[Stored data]
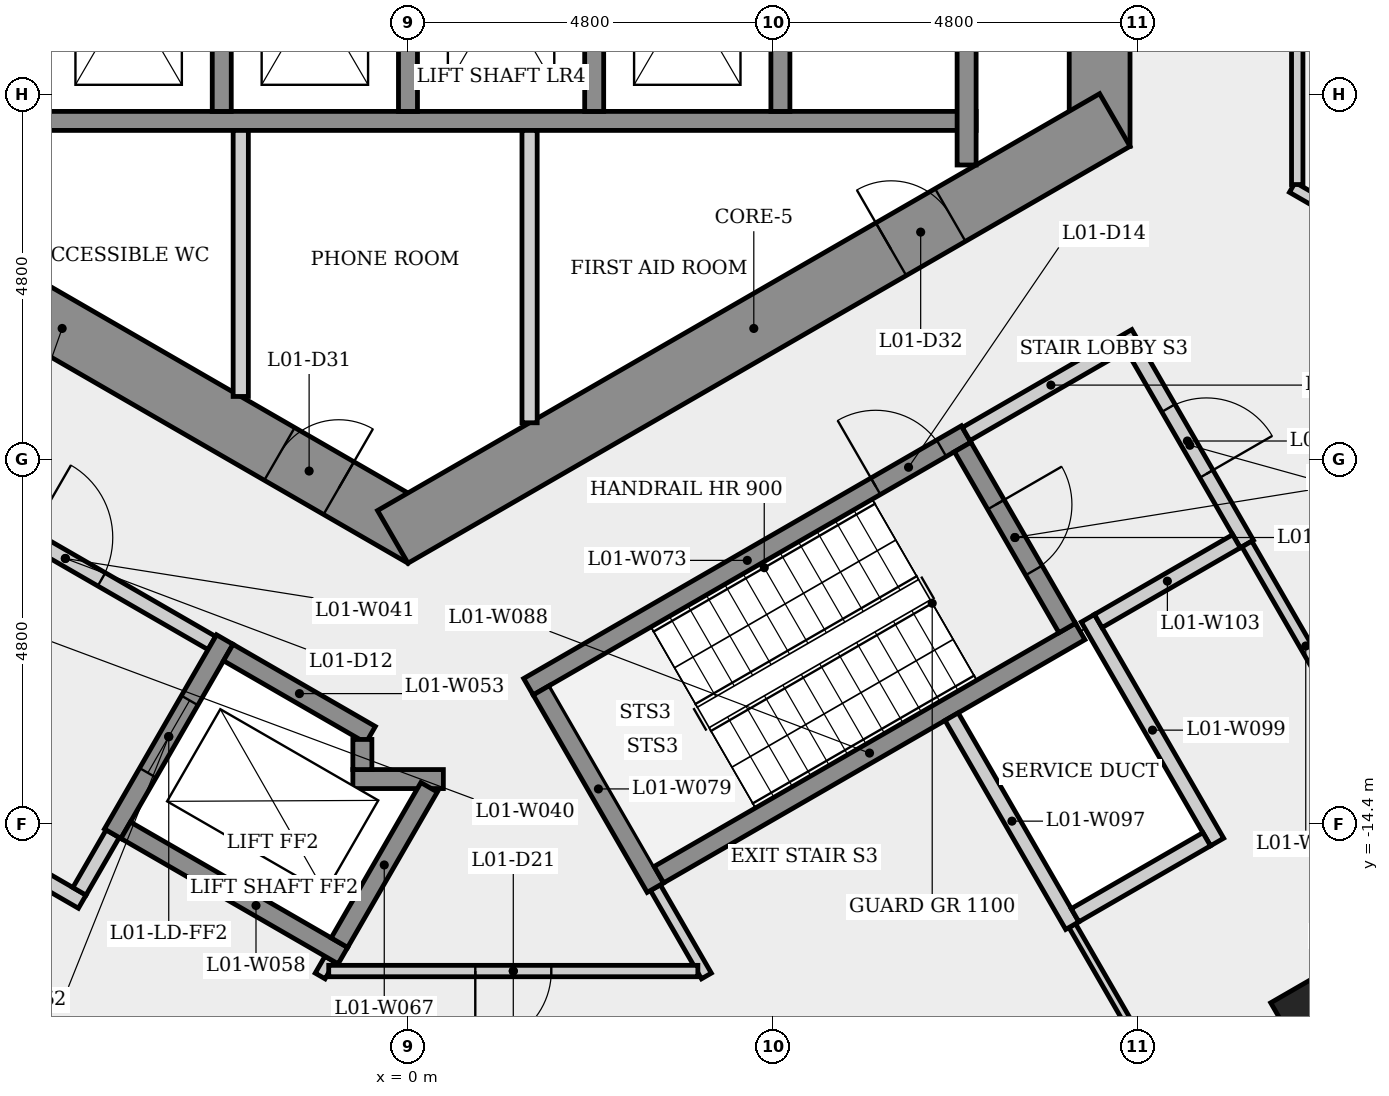
"""IFC4 building model, lengths in metres.
Left out: names, types, materials, properties, quantities, classifications, styles, units other than length and angle.
Written with IfcOpenShell. Run it as: python <this file> out.ifc"""

import sys

from ifc_helpers import new_model, si_unit, direction, frame, frame_2d, origin, origin_2d, place, context, subcontext, project, spatial, rectangle, extrude, element, fill, save


model = new_model("IFC4")
c1 = context("Model", 3, precision=1e-05, world=origin(), true_north=direction((0.0, 1.0)))
c2 = subcontext(c1, "Body", "Model", "MODEL_VIEW")
j1 = project(units=[si_unit("LENGTHUNIT", "METRE"), si_unit("PLANEANGLEUNIT", "RADIAN")], contexts=[c1])
p1 = place(None, origin())
s1 = spatial("IfcSite", under=j1, at=p1, CompositionType="ELEMENT")
p2 = place(p1, origin())
s2 = spatial("IfcBuilding", under=s1, at=p2, CompositionType="ELEMENT")
p3 = place(p2, frame((0.0, 0.0, 7.0)))
s3 = spatial("IfcBuildingStorey", under=s2, at=p3, CompositionType="ELEMENT", Elevation=7.0)
p4 = place(p3, frame((9.1, -5.485, 0.0), z_axis=(0.0, 0.0, 1.0), x_axis=(0.0, 1.0, 0.0)))
e1 = element("IfcWall", 1, at=p4, inside=s3, PredefinedType="SHEAR", context=c2, shape_type="SweptSolid", body=[
    extrude(rectangle(XDim=10.97, YDim=0.8, at=frame_2d((5.485, 0.0))), origin(), (0.0, 0.0, 1.0), 4.5),
])
p5 = place(p4, frame((4.685, 0.0, 0.0)))
e2 = element("IfcOpeningElement", 2, at=p5, cuts=e1, PredefinedType="OPENING", context=c2, shape_type="SweptSolid", body=[
    extrude(rectangle(XDim=1.6, YDim=2.1, at=frame_2d((0.8, 1.05))), frame((0.0, 0.41, 0.0), z_axis=(0.0, -1.0, 0.0), x_axis=(1.0, 0.0, 0.0)), (0.0, 0.0, 1.0), 0.82),
])
p6 = place(p3, frame((-9.3, -5.138, 0.0), z_axis=(0.0, 0.0, 1.0), x_axis=(0.866023993627, -0.500002442456, 0.0)))
e3 = element("IfcWall", 3, at=p6, inside=s3, PredefinedType="SHEAR", context=c2, shape_type="SweptSolid", body=[
    extrude(rectangle(XDim=10.97, YDim=0.8, at=frame_2d((5.485, 0.0))), origin(), (0.0, 0.0, 1.0), 4.5),
])
p7 = place(p6, frame((2.153, 0.0, 0.0)))
e4 = element("IfcOpeningElement", 4, at=p7, cuts=e3, PredefinedType="OPENING", context=c2, shape_type="SweptSolid", body=[
    extrude(rectangle(XDim=0.9, YDim=2.1, at=frame_2d((0.45, 1.05))), frame((0.0, 0.41, 0.0), z_axis=(0.0, -1.0, 0.0), x_axis=(1.0, 0.0, 0.0)), (0.0, 0.0, 1.0), 0.82),
])
p8 = place(p6, frame((8.787, 0.0, 0.0)))
e5 = element("IfcOpeningElement", 5, at=p8, cuts=e3, PredefinedType="OPENING", context=c2, shape_type="SweptSolid", body=[
    extrude(rectangle(XDim=0.9, YDim=2.1, at=frame_2d((0.45, 1.05))), frame((0.0, 0.41, 0.0), z_axis=(0.0, -1.0, 0.0), x_axis=(1.0, 0.0, 0.0)), (0.0, 0.0, 1.0), 0.82),
])
p9 = place(p3, frame((-0.2, -10.623, 0.0), z_axis=(0.0, 0.0, 1.0), x_axis=(0.866023993627, 0.500002442456, 0.0)))
e6 = element("IfcWall", 6, at=p9, inside=s3, PredefinedType="SHEAR", context=c2, shape_type="SweptSolid", body=[
    extrude(rectangle(XDim=10.97, YDim=0.8, at=frame_2d((5.485, 0.0))), origin(), (0.0, 0.0, 1.0), 4.5),
])
p10 = place(p9, frame((7.57, 0.0, 0.0)))
e7 = element("IfcOpeningElement", 7, at=p10, cuts=e6, PredefinedType="OPENING", context=c2, shape_type="SweptSolid", body=[
    extrude(rectangle(XDim=0.9, YDim=2.1, at=frame_2d((0.45, 1.05))), frame((0.0, 0.41, 0.0), z_axis=(0.0, -1.0, 0.0), x_axis=(1.0, 0.0, 0.0)), (0.0, 0.0, 1.0), 0.82),
])
p11 = place(p3, frame((12.171, -16.973, 0.0), z_axis=(0.0, 0.0, 1.0), x_axis=(0.5, -0.866025403784, 0.0)))
e8 = element("IfcColumn", 8, at=p11, inside=s3, PredefinedType="COLUMN", context=c2, shape_type="SweptSolid", body=[
    extrude(rectangle(XDim=1.2, YDim=1.2, at=origin_2d()), origin(), (0.0, 0.0, 1.0), 4.5),
])
p12 = place(p3, frame((-6.435, -9.795, 0.0), z_axis=(0.0, 0.0, 1.0), x_axis=(0.866012907634, -0.500021643343, 0.0)))
e9 = element("IfcWall", 9, at=p12, inside=s3, PredefinedType="PARTITIONING", context=c2, shape_type="SweptSolid", body=[
    extrude(rectangle(XDim=4.45, YDim=0.2, at=frame_2d((2.225, 0.0))), origin(), (0.0, 0.0, 1.0), 4.1),
])
p13 = place(p12, frame((1.675, 0.0, 0.0)))
e10 = element("IfcOpeningElement", 10, at=p13, cuts=e9, PredefinedType="OPENING", context=c2, shape_type="SweptSolid", body=[
    extrude(rectangle(XDim=1.1, YDim=2.1, at=frame_2d((0.55, 1.05))), frame((0.0, 0.11, 0.0), z_axis=(0.0, -1.0, 0.0), x_axis=(1.0, 0.0, 0.0)), (0.0, 0.0, 1.0), 0.22),
])
p14 = place(p3, frame((-7.225, -5.15, 0.0), z_axis=(0.0, 0.0, 1.0), x_axis=(1.0, 0.0, 0.0)))
e11 = element("IfcWall", 11, at=p14, inside=s3, PredefinedType="SHEAR", context=c2, shape_type="SweptSolid", body=[
    extrude(rectangle(XDim=14.7, YDim=0.25, at=frame_2d((7.35, 0.0))), origin(), (0.0, 0.0, 1.0), 4.1),
])
p15 = place(p3, frame((-4.286, -15.423, 0.0), z_axis=(0.0, 0.0, 1.0), x_axis=(-0.866025371046, 0.500000056704, 0.0)))
e12 = element("IfcWall", 12, at=p15, inside=s3, PredefinedType="PARTITIONING", context=c2, shape_type="SweptSolid", body=[
    extrude(rectangle(XDim=1.7, YDim=0.2, at=frame_2d((0.85, 0.0))), origin(), (0.0, 0.0, 1.0), 4.1),
])
p16 = place(p3, frame((-3.885, -14.529, 0.0), z_axis=(0.0, 0.0, 1.0), x_axis=(-0.499859285417, -0.866106630146, 0.0)))
e13 = element("IfcWall", 13, at=p16, inside=s3, PredefinedType="PARTITIONING", context=c2, shape_type="SweptSolid", body=[
    extrude(rectangle(XDim=0.875, YDim=0.2, at=frame_2d((0.438, 0.0))), origin(), (0.0, 0.0, 1.0), 4.1),
])
p17 = place(p3, frame((-2.41, -11.974, 0.0), z_axis=(0.0, 0.0, 1.0), x_axis=(-0.500001826776, -0.866024349092, 0.0)))
e14 = element("IfcWall", 14, at=p17, inside=s3, PredefinedType="SHEAR", context=c2, shape_type="SweptSolid", body=[
    extrude(rectangle(XDim=2.95, YDim=0.25, at=frame_2d((1.475, 0.0))), origin(), (0.0, 0.0, 1.0), 4.1),
])
p18 = place(p17, frame((0.925, 0.0, 0.0)))
e15 = element("IfcOpeningElement", 15, at=p18, cuts=e14, PredefinedType="OPENING", context=c2, shape_type="SweptSolid", body=[
    extrude(rectangle(XDim=1.1, YDim=2.1, at=frame_2d((0.55, 1.05))), frame((0.0, 0.135, 0.0), z_axis=(0.0, -1.0, 0.0), x_axis=(1.0, 0.0, 0.0)), (0.0, 0.0, 1.0), 0.27),
])
p19 = place(p3, frame((-2.364, -12.145, 0.0), z_axis=(0.0, 0.0, 1.0), x_axis=(0.86603892542, -0.499976579108, 0.0)))
e16 = element("IfcWall", 16, at=p19, inside=s3, PredefinedType="SHEAR", context=c2, shape_type="SweptSolid", body=[
    extrude(rectangle(XDim=2.162, YDim=0.25, at=frame_2d((1.081, 0.0))), origin(), (0.0, 0.0, 1.0), 4.1),
])
p20 = place(p3, frame((-2.45, -1.925, 0.0), z_axis=(0.0, 0.0, 1.0), x_axis=(0.0, -1.0, 0.0)))
e17 = element("IfcWall", 17, at=p20, inside=s3, PredefinedType="SHEAR", context=c2, shape_type="SweptSolid", body=[
    extrude(rectangle(XDim=3.1, YDim=0.25, at=frame_2d((1.55, 0.0))), origin(), (0.0, 0.0, 1.0), 4.5),
])
p21 = place(p3, frame((-2.2, -5.275, 0.0), z_axis=(0.0, 0.0, 1.0), x_axis=(0.0, -1.0, 0.0)))
e18 = element("IfcWall", 18, at=p21, inside=s3, PredefinedType="PARTITIONING", context=c2, shape_type="SweptSolid", body=[
    extrude(rectangle(XDim=3.501, YDim=0.2, at=frame_2d((1.75, 0.0))), origin(), (0.0, 0.0, 1.0), 4.1),
])
p22 = place(p3, frame((-1.155, -16.401, 0.0), z_axis=(0.0, 0.0, 1.0), x_axis=(0.500134748329, 0.865947592822, 0.0)))
e19 = element("IfcWall", 19, at=p22, inside=s3, PredefinedType="PARTITIONING", context=c2, shape_type="SweptSolid", body=[
    extrude(rectangle(XDim=0.256, YDim=0.15, at=frame_2d((0.128, 0.0))), origin(), (0.0, 0.0, 1.0), 4.1),
])
p23 = place(p3, frame((-0.856, -16.133, 0.0), z_axis=(0.0, 0.0, 1.0), x_axis=(-0.866021716278, 0.500006386895, 0.0)))
e20 = element("IfcWall", 20, at=p23, inside=s3, PredefinedType="SHEAR", context=c2, shape_type="SweptSolid", body=[
    extrude(rectangle(XDim=3.3, YDim=0.25, at=frame_2d((1.65, 0.0))), origin(), (0.0, 0.0, 1.0), 4.1),
])
p24 = place(p3, frame((-0.725, -13.81, 0.0), z_axis=(0.0, 0.0, 1.0), x_axis=(1.0, 0.0, 0.0)))
e21 = element("IfcWall", 21, at=p24, inside=s3, PredefinedType="SHEAR", context=c2, shape_type="SweptSolid", body=[
    extrude(rectangle(XDim=1.191, YDim=0.25, at=frame_2d((0.595, 0.0))), origin(), (0.0, 0.0, 1.0), 4.1),
])
p25 = place(p3, frame((-0.6, -13.289, 0.0), z_axis=(0.0, 0.0, 1.0), x_axis=(0.0, -1.0, 0.0)))
e22 = element("IfcWall", 22, at=p25, inside=s3, PredefinedType="SHEAR", context=c2, shape_type="SweptSolid", body=[
    extrude(rectangle(XDim=0.396, YDim=0.25, at=frame_2d((0.198, 0.0))), origin(), (0.0, 0.0, 1.0), 4.5),
])
p26 = place(p3, frame((0.0, -1.925, 0.0), z_axis=(0.0, 0.0, 1.0), x_axis=(0.0, -1.0, 0.0)))
e23 = element("IfcWall", 23, at=p26, inside=s3, PredefinedType="SHEAR", context=c2, shape_type="SweptSolid", body=[
    extrude(rectangle(XDim=3.1, YDim=0.25, at=frame_2d((1.55, 0.0))), origin(), (0.0, 0.0, 1.0), 4.5),
])
p27 = place(p3, frame((0.278, -13.918, 0.0), z_axis=(0.0, 0.0, 1.0), x_axis=(-0.49998806882, -0.866032292145, 0.0)))
e24 = element("IfcWall", 24, at=p27, inside=s3, PredefinedType="SHEAR", context=c2, shape_type="SweptSolid", body=[
    extrude(rectangle(XDim=2.36, YDim=0.25, at=frame_2d((1.18, 0.0))), origin(), (0.0, 0.0, 1.0), 4.5),
])
p28 = place(p3, frame((1.6, -5.275, 0.0), z_axis=(0.0, 0.0, 1.0), x_axis=(0.0, -1.0, 0.0)))
e25 = element("IfcWall", 25, at=p28, inside=s3, PredefinedType="PARTITIONING", context=c2, shape_type="SweptSolid", body=[
    extrude(rectangle(XDim=3.847, YDim=0.2, at=frame_2d((1.924, 0.0))), origin(), (0.0, 0.0, 1.0), 4.1),
])
p29 = place(p3, frame((1.585, -12.595, 0.0), z_axis=(0.0, 0.0, 1.0), x_axis=(0.866036417653, 0.499980922934, 0.0)))
e26 = element("IfcWall", 26, at=p29, inside=s3, PredefinedType="SHEAR", context=c2, shape_type="SweptSolid", body=[
    extrude(rectangle(XDim=6.65, YDim=0.25, at=frame_2d((3.325, 0.0))), origin(), (0.0, 0.0, 1.0), 4.1),
])
p30 = place(p29, frame((5.275, 0.0, 0.0)))
e27 = element("IfcOpeningElement", 27, at=p30, cuts=e26, PredefinedType="OPENING", context=c2, shape_type="SweptSolid", body=[
    extrude(rectangle(XDim=1.0, YDim=2.1, at=frame_2d((0.5, 1.05))), frame((0.0, 0.135, 0.0), z_axis=(0.0, -1.0, 0.0), x_axis=(1.0, 0.0, 0.0)), (0.0, 0.0, 1.0), 0.27),
])
p31 = place(p3, frame((2.45, -1.925, 0.0), z_axis=(0.0, 0.0, 1.0), x_axis=(0.0, -1.0, 0.0)))
e28 = element("IfcWall", 28, at=p31, inside=s3, PredefinedType="SHEAR", context=c2, shape_type="SweptSolid", body=[
    extrude(rectangle(XDim=3.1, YDim=0.25, at=frame_2d((1.55, 0.0))), origin(), (0.0, 0.0, 1.0), 4.5),
])
p32 = place(p3, frame((3.256, -15.239, 0.0), z_axis=(0.0, 0.0, 1.0), x_axis=(0.499974444137, -0.866040157966, 0.0)))
e29 = element("IfcWall", 29, at=p32, inside=s3, PredefinedType="PARTITIONING", context=c2, shape_type="SweptSolid", body=[
    extrude(rectangle(XDim=1.342, YDim=0.15, at=frame_2d((0.671, 0.0))), origin(), (0.0, 0.0, 1.0), 4.1),
])
p33 = place(p3, frame((3.256, -15.239, 0.0), z_axis=(0.0, 0.0, 1.0), x_axis=(-0.50002537861, 0.866010750942, 0.0)))
e30 = element("IfcWall", 30, at=p33, inside=s3, PredefinedType="SHEAR", context=c2, shape_type="SweptSolid", body=[
    extrude(rectangle(XDim=3.0, YDim=0.25, at=frame_2d((1.5, 0.0))), origin(), (0.0, 0.0, 1.0), 4.1),
])
p34 = place(p3, frame((3.814, -16.336, 0.0), z_axis=(0.0, 0.0, 1.0), x_axis=(-1.0, 0.0, 0.0)))
e31 = element("IfcWall", 31, at=p34, inside=s3, PredefinedType="PARTITIONING", context=c2, shape_type="SweptSolid", body=[
    extrude(rectangle(XDim=4.857, YDim=0.15, at=frame_2d((2.428, 0.0))), origin(), (0.0, 0.0, 1.0), 4.1),
])
p35 = place(p34, frame((1.928, 0.0, 0.0)))
e32 = element("IfcOpeningElement", 32, at=p35, cuts=e31, PredefinedType="OPENING", context=c2, shape_type="SweptSolid", body=[
    extrude(rectangle(XDim=1.0, YDim=2.1, at=frame_2d((0.5, 1.05))), frame((0.0, 0.085, 0.0), z_axis=(0.0, -1.0, 0.0), x_axis=(1.0, 0.0, 0.0)), (0.0, 0.0, 1.0), 0.17),
])
p36 = place(p3, frame((4.9, -1.925, 0.0), z_axis=(0.0, 0.0, 1.0), x_axis=(0.0, -1.0, 0.0)))
e33 = element("IfcWall", 33, at=p36, inside=s3, PredefinedType="SHEAR", context=c2, shape_type="SweptSolid", body=[
    extrude(rectangle(XDim=3.1, YDim=0.25, at=frame_2d((1.55, 0.0))), origin(), (0.0, 0.0, 1.0), 4.5),
])
p37 = place(p3, frame((3.301, -15.068, 0.0), z_axis=(0.0, 0.0, 1.0), x_axis=(0.866035036182, 0.499983315828, 0.0)))
e34 = element("IfcWall", 34, at=p37, inside=s3, PredefinedType="SHEAR", context=c2, shape_type="SweptSolid", body=[
    extrude(rectangle(XDim=6.4, YDim=0.25, at=frame_2d((3.2, 0.0))), origin(), (0.0, 0.0, 1.0), 4.1),
])
p38 = place(p3, frame((7.298, -9.441, 0.0), z_axis=(0.0, 0.0, 1.0), x_axis=(0.500034990121, -0.866005201286, 0.0)))
e35 = element("IfcWall", 35, at=p38, inside=s3, PredefinedType="SHEAR", context=c2, shape_type="SweptSolid", body=[
    extrude(rectangle(XDim=2.75, YDim=0.25, at=frame_2d((1.375, 0.0))), origin(), (0.0, 0.0, 1.0), 4.1),
])
p39 = place(p38, frame((0.875, 0.0, 0.0)))
e36 = element("IfcOpeningElement", 36, at=p39, cuts=e35, PredefinedType="OPENING", context=c2, shape_type="SweptSolid", body=[
    extrude(rectangle(XDim=1.0, YDim=2.1, at=frame_2d((0.5, 1.05))), frame((0.0, 0.135, 0.0), z_axis=(0.0, -1.0, 0.0), x_axis=(1.0, 0.0, 0.0)), (0.0, 0.0, 1.0), 0.27),
])
p40 = place(p3, frame((7.344, -9.27, 0.0), z_axis=(0.0, 0.0, 1.0), x_axis=(0.866005588531, 0.500034319456, 0.0)))
e37 = element("IfcWall", 37, at=p40, inside=s3, PredefinedType="PARTITIONING", context=c2, shape_type="SweptSolid", body=[
    extrude(rectangle(XDim=2.575, YDim=0.2, at=frame_2d((1.288, 0.0))), origin(), (0.0, 0.0, 1.0), 4.1),
])
p41 = place(p3, frame((7.35, -1.925, 0.0), z_axis=(0.0, 0.0, 1.0), x_axis=(0.0, -1.0, 0.0)))
e38 = element("IfcWall", 38, at=p41, inside=s3, PredefinedType="SHEAR", context=c2, shape_type="SweptSolid", body=[
    extrude(rectangle(XDim=3.805, YDim=0.25, at=frame_2d((1.903, 0.0))), origin(), (0.0, 0.0, 1.0), 4.1),
])
p42 = place(p3, frame((8.74, -15.738, 0.0), z_axis=(0.0, 0.0, 1.0), x_axis=(0.500026738915, -0.866009965514, 0.0)))
e39 = element("IfcWall", 39, at=p42, inside=s3, PredefinedType="PARTITIONING", context=c2, shape_type="SweptSolid", body=[
    extrude(rectangle(XDim=3.681, YDim=0.1, at=frame_2d((1.84, 0.0))), origin(), (0.0, 0.0, 1.0), 4.1),
])
p43 = place(p3, frame((8.74, -15.739, 0.0), z_axis=(0.0, 0.0, 1.0), x_axis=(-0.500017526161, 0.866015284814, 0.0)))
e40 = element("IfcWall", 40, at=p43, inside=s3, PredefinedType="PLUMBINGWALL", context=c2, shape_type="SweptSolid", body=[
    extrude(rectangle(XDim=3.175, YDim=0.2, at=frame_2d((1.588, 0.0))), origin(), (0.0, 0.0, 1.0), 4.1),
])
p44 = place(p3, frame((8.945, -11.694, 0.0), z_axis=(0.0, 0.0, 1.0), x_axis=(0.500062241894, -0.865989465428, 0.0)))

WHAT YOU SHOULD DO:
Only lines with the word "direction" are needed. Copy them from the preceding records.

RESPONSE FOR THIS EXERCISE:
from ifc_helpers import new_model, si_unit, direction, frame, frame_2d, origin, origin_2d, place, context, subcontext, project, spatial, rectangle, extrude, element, fill, save
c1 = context("Model", 3, precision=1e-05, world=origin(), true_north=direction((0.0, 1.0)))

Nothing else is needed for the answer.